◆ WHAT TO WORK ON
Using the entries below, write out the line with "#73=DIRECTION('',(0.,0.,-1.));", the line with "#111=CARTESIAN_POINT('',(-20.208,-23.573,54.409));", and every line in between, exactly as each is written.
╭─ TASK INPUTS
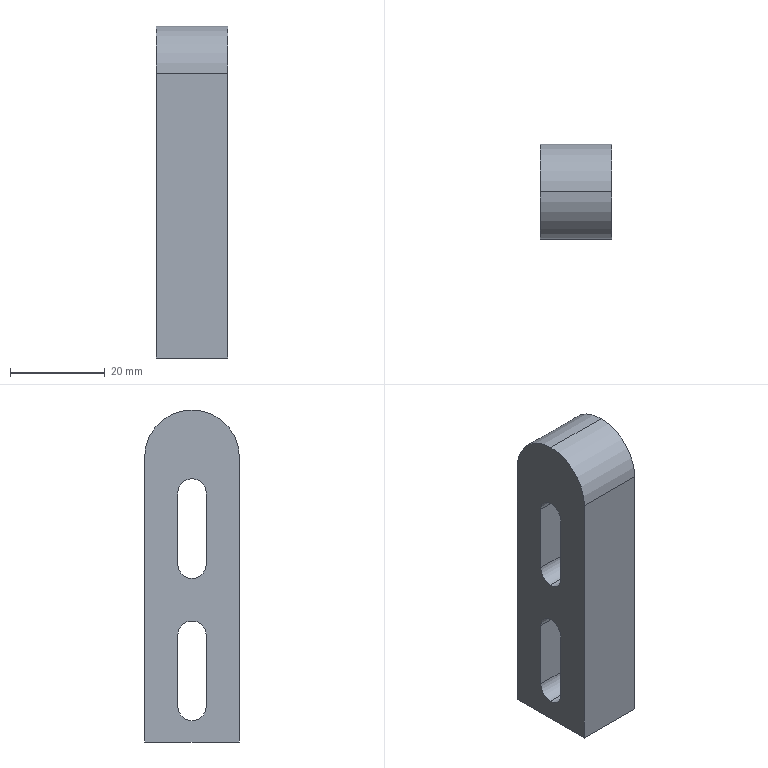Component | SolidWorks | GuideMechanism-1_LimitPlate1-1 | 1 solid | 29 faces | box 15 x 20 x 70 mm | volume 16005 mm3 | plane 15 | cylinder 14 | commonest cylinder face diameters 9 x6 6 x6 20 x2
build123d program:
from build123d import *

# Parameters (mm, degrees)
SKETCH1_W           = 70
SKETCH1_H           = 20
BOSS_EXTRUDE1_DEPTH = 15
FILLET1_RADIUS      = 10
FILLET1_LENGTH      = 15
CUT_EXTRUDE1_DEPTH  = 40.37
CUT_EXTRUDE2_DEPTH  = 5


with BuildPart() as part:
    # Sketch1 → Boss-Extrude1 (new body)
    with BuildSketch(Plane.XY):
        Rectangle(SKETCH1_W, SKETCH1_H)
    extrude(amount=BOSS_EXTRUDE1_DEPTH)

    # Fillet1: full round fillet: the end face becomes a half cylinder, R = half its width
    fillet1_face = Plane((-35, 0, 7.5), x_dir=(0, 0, 1), z_dir=(-1, 0, 0))  # on the end face: x along it, z out of the body
    fillet1_slab = fillet1_face.offset(-FILLET1_RADIUS / 2) * Box(FILLET1_LENGTH, 2 * FILLET1_RADIUS, FILLET1_RADIUS, mode=Mode.PRIVATE)  # the body's end, R deep
    fillet1_round = Plane((-25, 0, 7.5), x_dir=(-1, 0, 0), z_dir=(0, 0, 1)) * Cylinder(FILLET1_RADIUS, FILLET1_LENGTH, mode=Mode.PRIVATE)  # its axis R under the face
    add(fillet1_slab - fillet1_round, mode=Mode.SUBTRACT)

    # Sketch4 → Cut-Extrude1 (cut, through all)
    with BuildSketch(Plane.XY.offset(15)):
        with BuildLine():
            Line((-17.5, 3), (-2.5, 3))
            ThreePointArc((-2.5, 3), (0.5, 0), (-2.5, -3))
            Line((-2.5, -3), (-17.5, -3))
            ThreePointArc((-17.5, -3), (-20.5, 0), (-17.5, 3))
        make_face()
        with BuildLine():
            Line((12.5, 3), (27.5, 3))
            ThreePointArc((27.5, 3), (30.5, 0), (27.5, -3))
            Line((27.5, -3), (12.5, -3))
            ThreePointArc((12.5, -3), (9.5, 0), (12.5, 3))
        make_face()
    extrude(amount=-CUT_EXTRUDE1_DEPTH, mode=Mode.SUBTRACT)

    # Sketch5 → Cut-Extrude2 (cut)
    with BuildSketch(Plane.XY.offset(15)):
        with BuildLine():
            Line((-17.5, 4.5), (-2.5, 4.5))
            ThreePointArc((-2.5, 4.5), (2, 0), (-2.5, -4.5))
            Line((-2.5, -4.5), (-17.5, -4.5))
            ThreePointArc((-17.5, -4.5), (-22, 0), (-17.5, 4.5))
        make_face()
        with BuildLine():
            Line((12.5, 4.5), (27.5, 4.5))
            ThreePointArc((27.5, 4.5), (32, 0), (27.5, -4.5))
            Line((27.5, -4.5), (12.5, -4.5))
            ThreePointArc((12.5, -4.5), (8, 0), (12.5, 4.5))
        make_face()
    extrude(amount=-CUT_EXTRUDE2_DEPTH, mode=Mode.SUBTRACT)


solid = part.part

# Placed as in the assembly
solid = solid.moved(Location((-513.272, -588.766, 1357), (0, 90, 0)))
STEP:
#1=COLOUR_RGB('',0.7922,0.8196,0.9333);
#2=FILL_AREA_STYLE_COLOUR('',#1);
#3=FILL_AREA_STYLE('',(#2));
#4=SURFACE_STYLE_FILL_AREA(#3);
#5=SURFACE_SIDE_STYLE('',(#4));
#6=SURFACE_STYLE_USAGE(.BOTH.,#5);
#7=PRESENTATION_STYLE_ASSIGNMENT((#6));
#8=CARTESIAN_POINT('',(-19.814,-23.18,52.165));
#9=VERTEX_POINT('',#8);
#10=CARTESIAN_POINT('',(-19.814,-23.003,52.343));
#11=VERTEX_POINT('',#10);
#12=CARTESIAN_POINT('',(-19.814,-23.18,52.343));
#13=DIRECTION('',(1.,0.,0.));
#14=DIRECTION('',(0.,0.,-1.));
#15=AXIS2_PLACEMENT_3D('',#12,#13,#14);
#16=CIRCLE('',#15,0.1772);
#17=EDGE_CURVE('',#9,#11,#16,.T.);
#18=ORIENTED_EDGE('',*,*,#17,.F.);
#19=CARTESIAN_POINT('',(-19.617,-23.18,52.165));
#20=VERTEX_POINT('',#19);
#21=CARTESIAN_POINT('',(-19.814,-23.18,52.165));
#22=DIRECTION('',(1.,0.,0.));
#23=VECTOR('',#22,39.37);
#24=LINE('',#21,#23);
#25=EDGE_CURVE('',#9,#20,#24,.T.);
#26=ORIENTED_EDGE('',*,*,#25,.T.);
#27=CARTESIAN_POINT('',(-19.617,-23.003,52.343));
#28=VERTEX_POINT('',#27);
#29=CARTESIAN_POINT('',(-19.617,-23.18,52.343));
#30=DIRECTION('',(1.,0.,0.));
#31=DIRECTION('',(0.,0.,-1.));
#32=AXIS2_PLACEMENT_3D('',#29,#30,#31);
#33=CIRCLE('',#32,0.1772);
#34=EDGE_CURVE('',#20,#28,#33,.T.);
#35=ORIENTED_EDGE('',*,*,#34,.T.);
#36=CARTESIAN_POINT('',(-19.814,-23.003,52.343));
#37=DIRECTION('',(1.,0.,0.));
#38=VECTOR('',#37,39.37);
#39=LINE('',#36,#38);
#40=EDGE_CURVE('',#11,#28,#39,.T.);
#41=ORIENTED_EDGE('',*,*,#40,.F.);
#42=EDGE_LOOP('',(#18,#26,#35,#41));
#43=FACE_OUTER_BOUND('',#42,.T.);
#44=CARTESIAN_POINT('',(-19.814,-23.18,52.343));
#45=DIRECTION('',(1.,0.,0.));
#46=DIRECTION('',(0.,0.,-1.));
#47=AXIS2_PLACEMENT_3D('',#44,#45,#46);
#48=CYLINDRICAL_SURFACE('',#47,0.1772);
#49=ADVANCED_FACE('',(#43),#48,.F.);
#50=CARTESIAN_POINT('',(-19.814,-23.18,53.346));
#51=VERTEX_POINT('',#50);
#52=CARTESIAN_POINT('',(-19.814,-23.003,53.524));
#53=VERTEX_POINT('',#52);
#54=CARTESIAN_POINT('',(-19.814,-23.18,53.524));
#55=DIRECTION('',(1.,0.,0.));
#56=DIRECTION('',(0.,0.,-1.));
#57=AXIS2_PLACEMENT_3D('',#54,#55,#56);
#58=CIRCLE('',#57,0.1772);
#59=EDGE_CURVE('',#51,#53,#58,.T.);
#60=ORIENTED_EDGE('',*,*,#59,.F.);
#61=CARTESIAN_POINT('',(-19.617,-23.18,53.346));
#62=VERTEX_POINT('',#61);
#63=CARTESIAN_POINT('',(-19.814,-23.18,53.346));
#64=DIRECTION('',(1.,0.,0.));
#65=VECTOR('',#64,39.37);
#66=LINE('',#63,#65);
#67=EDGE_CURVE('',#51,#62,#66,.T.);
#68=ORIENTED_EDGE('',*,*,#67,.T.);
#69=CARTESIAN_POINT('',(-19.617,-23.003,53.524));
#70=VERTEX_POINT('',#69);
#71=CARTESIAN_POINT('',(-19.617,-23.18,53.524));
#72=DIRECTION('',(1.,0.,0.));
#73=DIRECTION('',(0.,0.,-1.));
#74=AXIS2_PLACEMENT_3D('',#71,#72,#73);
#75=CIRCLE('',#74,0.1772);
#76=EDGE_CURVE('',#62,#70,#75,.T.);
#77=ORIENTED_EDGE('',*,*,#76,.T.);
#78=CARTESIAN_POINT('',(-19.814,-23.003,53.524));
#79=DIRECTION('',(1.,0.,0.));
#80=VECTOR('',#79,39.37);
#81=LINE('',#78,#80);
#82=EDGE_CURVE('',#53,#70,#81,.T.);
#83=ORIENTED_EDGE('',*,*,#82,.F.);
#84=EDGE_LOOP('',(#60,#68,#77,#83));
#85=FACE_OUTER_BOUND('',#84,.T.);
#86=CARTESIAN_POINT('',(-19.814,-23.18,53.524));
#87=DIRECTION('',(1.,0.,0.));
#88=DIRECTION('',(0.,0.,-1.));
#89=AXIS2_PLACEMENT_3D('',#86,#87,#88);
#90=CYLINDRICAL_SURFACE('',#89,0.1772);
#91=ADVANCED_FACE('',(#85),#90,.F.);
#92=CARTESIAN_POINT('',(-19.617,-23.18,54.803));
#93=VERTEX_POINT('',#92);
#94=CARTESIAN_POINT('',(-19.617,-23.573,54.409));
#95=VERTEX_POINT('',#94);
#96=CARTESIAN_POINT('',(-19.617,-23.18,54.409));
#97=DIRECTION('',(1.,0.,0.));
#98=DIRECTION('',(0.,0.,1.));
#99=AXIS2_PLACEMENT_3D('',#96,#97,#98);
#100=CIRCLE('',#99,0.3937);
#101=EDGE_CURVE('',#93,#95,#100,.T.);
#102=ORIENTED_EDGE('',*,*,#101,.F.);
#103=CARTESIAN_POINT('',(-20.208,-23.18,54.803));
#104=VERTEX_POINT('',#103);
#105=CARTESIAN_POINT('',(-20.208,-23.18,54.803));
#106=DIRECTION('',(-1.,0.,0.));
#107=VECTOR('',#106,39.37);
#108=LINE('',#105,#107);
#109=EDGE_CURVE('',#93,#104,#108,.T.);
#110=ORIENTED_EDGE('',*,*,#109,.T.);
#111=CARTESIAN_POINT('',(-20.208,-23.573,54.409));
#112=VERTEX_POINT('',#111);
#113=CARTESIAN_POINT('',(-20.208,-23.18,54.409));
#114=DIRECTION('',(-1.,0.,0.));
#115=DIRECTION('',(0.,0.,1.));
#116=AXIS2_PLACEMENT_3D('',#113,#114,#115);
#117=CIRCLE('',#116,0.3937);
#118=EDGE_CURVE('',#112,#104,#117,.T.);
#119=ORIENTED_EDGE('',*,*,#118,.F.);
#120=CARTESIAN_POINT('',(-19.617,-23.573,54.409));
#121=DIRECTION('',(-1.,0.,0.));
#122=VECTOR('',#121,39.37);
#123=LINE('',#120,#122);
#124=EDGE_CURVE('',#95,#112,#123,.T.);
#125=ORIENTED_EDGE('',*,*,#124,.F.);
#126=EDGE_LOOP('',(#102,#110,#119,#125));
#127=FACE_OUTER_BOUND('',#126,.T.);
#128=CARTESIAN_POINT('',(-20.208,-23.18,54.409));
#129=DIRECTION('',(-1.,0.,0.));
#130=DIRECTION('',(0.,0.,1.));
#131=AXIS2_PLACEMENT_3D('',#128,#129,#130);
#132=CYLINDRICAL_SURFACE('',#131,0.3937);
#133=ADVANCED_FACE('',(#127),#132,.T.);
#134=CARTESIAN_POINT('',(-20.208,-23.18,53.406));
#135=VERTEX_POINT('',#134);
#136=CARTESIAN_POINT('',(-20.208,-23.062,53.524));
#137=VERTEX_POINT('',#136);
#138=CARTESIAN_POINT('',(-20.208,-23.18,53.524));
#139=DIRECTION('',(1.,0.,0.));
#140=DIRECTION('',(0.,0.,-1.));
#141=AXIS2_PLACEMENT_3D('',#138,#139,#140);
#142=CIRCLE('',#141,0.1181);
#143=EDGE_CURVE('',#135,#137,#142,.T.);
#144=ORIENTED_EDGE('',*,*,#143,.F.);
#145=CARTESIAN_POINT('',(-19.814,-23.18,53.406));
#146=VERTEX_POINT('',#145);
#147=CARTESIAN_POINT('',(-20.208,-23.18,53.406));
#148=DIRECTION('',(1.,0.,0.));
#149=VECTOR('',#148,39.37);
#150=LINE('',#147,#149);
#151=EDGE_CURVE('',#135,#146,#150,.T.);
#152=ORIENTED_EDGE('',*,*,#151,.T.);
#153=CARTESIAN_POINT('',(-19.814,-23.062,53.524));
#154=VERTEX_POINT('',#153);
╰─
◆ FINISHED EXERCISE
#73=DIRECTION('',(0.,0.,-1.));
#74=AXIS2_PLACEMENT_3D('',#71,#72,#73);
#75=CIRCLE('',#74,0.1772);
#76=EDGE_CURVE('',#62,#70,#75,.T.);
#77=ORIENTED_EDGE('',*,*,#76,.T.);
#78=CARTESIAN_POINT('',(-19.814,-23.003,53.524));
#79=DIRECTION('',(1.,0.,0.));
#80=VECTOR('',#79,39.37);
#81=LINE('',#78,#80);
#82=EDGE_CURVE('',#53,#70,#81,.T.);
#83=ORIENTED_EDGE('',*,*,#82,.F.);
#84=EDGE_LOOP('',(#60,#68,#77,#83));
#85=FACE_OUTER_BOUND('',#84,.T.);
#86=CARTESIAN_POINT('',(-19.814,-23.18,53.524));
#87=DIRECTION('',(1.,0.,0.));
#88=DIRECTION('',(0.,0.,-1.));
#89=AXIS2_PLACEMENT_3D('',#86,#87,#88);
#90=CYLINDRICAL_SURFACE('',#89,0.1772);
#91=ADVANCED_FACE('',(#85),#90,.F.);
#92=CARTESIAN_POINT('',(-19.617,-23.18,54.803));
#93=VERTEX_POINT('',#92);
#94=CARTESIAN_POINT('',(-19.617,-23.573,54.409));
#95=VERTEX_POINT('',#94);
#96=CARTESIAN_POINT('',(-19.617,-23.18,54.409));
#97=DIRECTION('',(1.,0.,0.));
#98=DIRECTION('',(0.,0.,1.));
#99=AXIS2_PLACEMENT_3D('',#96,#97,#98);
#100=CIRCLE('',#99,0.3937);
#101=EDGE_CURVE('',#93,#95,#100,.T.);
#102=ORIENTED_EDGE('',*,*,#101,.F.);
#103=CARTESIAN_POINT('',(-20.208,-23.18,54.803));
#104=VERTEX_POINT('',#103);
#105=CARTESIAN_POINT('',(-20.208,-23.18,54.803));
#106=DIRECTION('',(-1.,0.,0.));
#107=VECTOR('',#106,39.37);
#108=LINE('',#105,#107);
#109=EDGE_CURVE('',#93,#104,#108,.T.);
#110=ORIENTED_EDGE('',*,*,#109,.T.);
#111=CARTESIAN_POINT('',(-20.208,-23.573,54.409));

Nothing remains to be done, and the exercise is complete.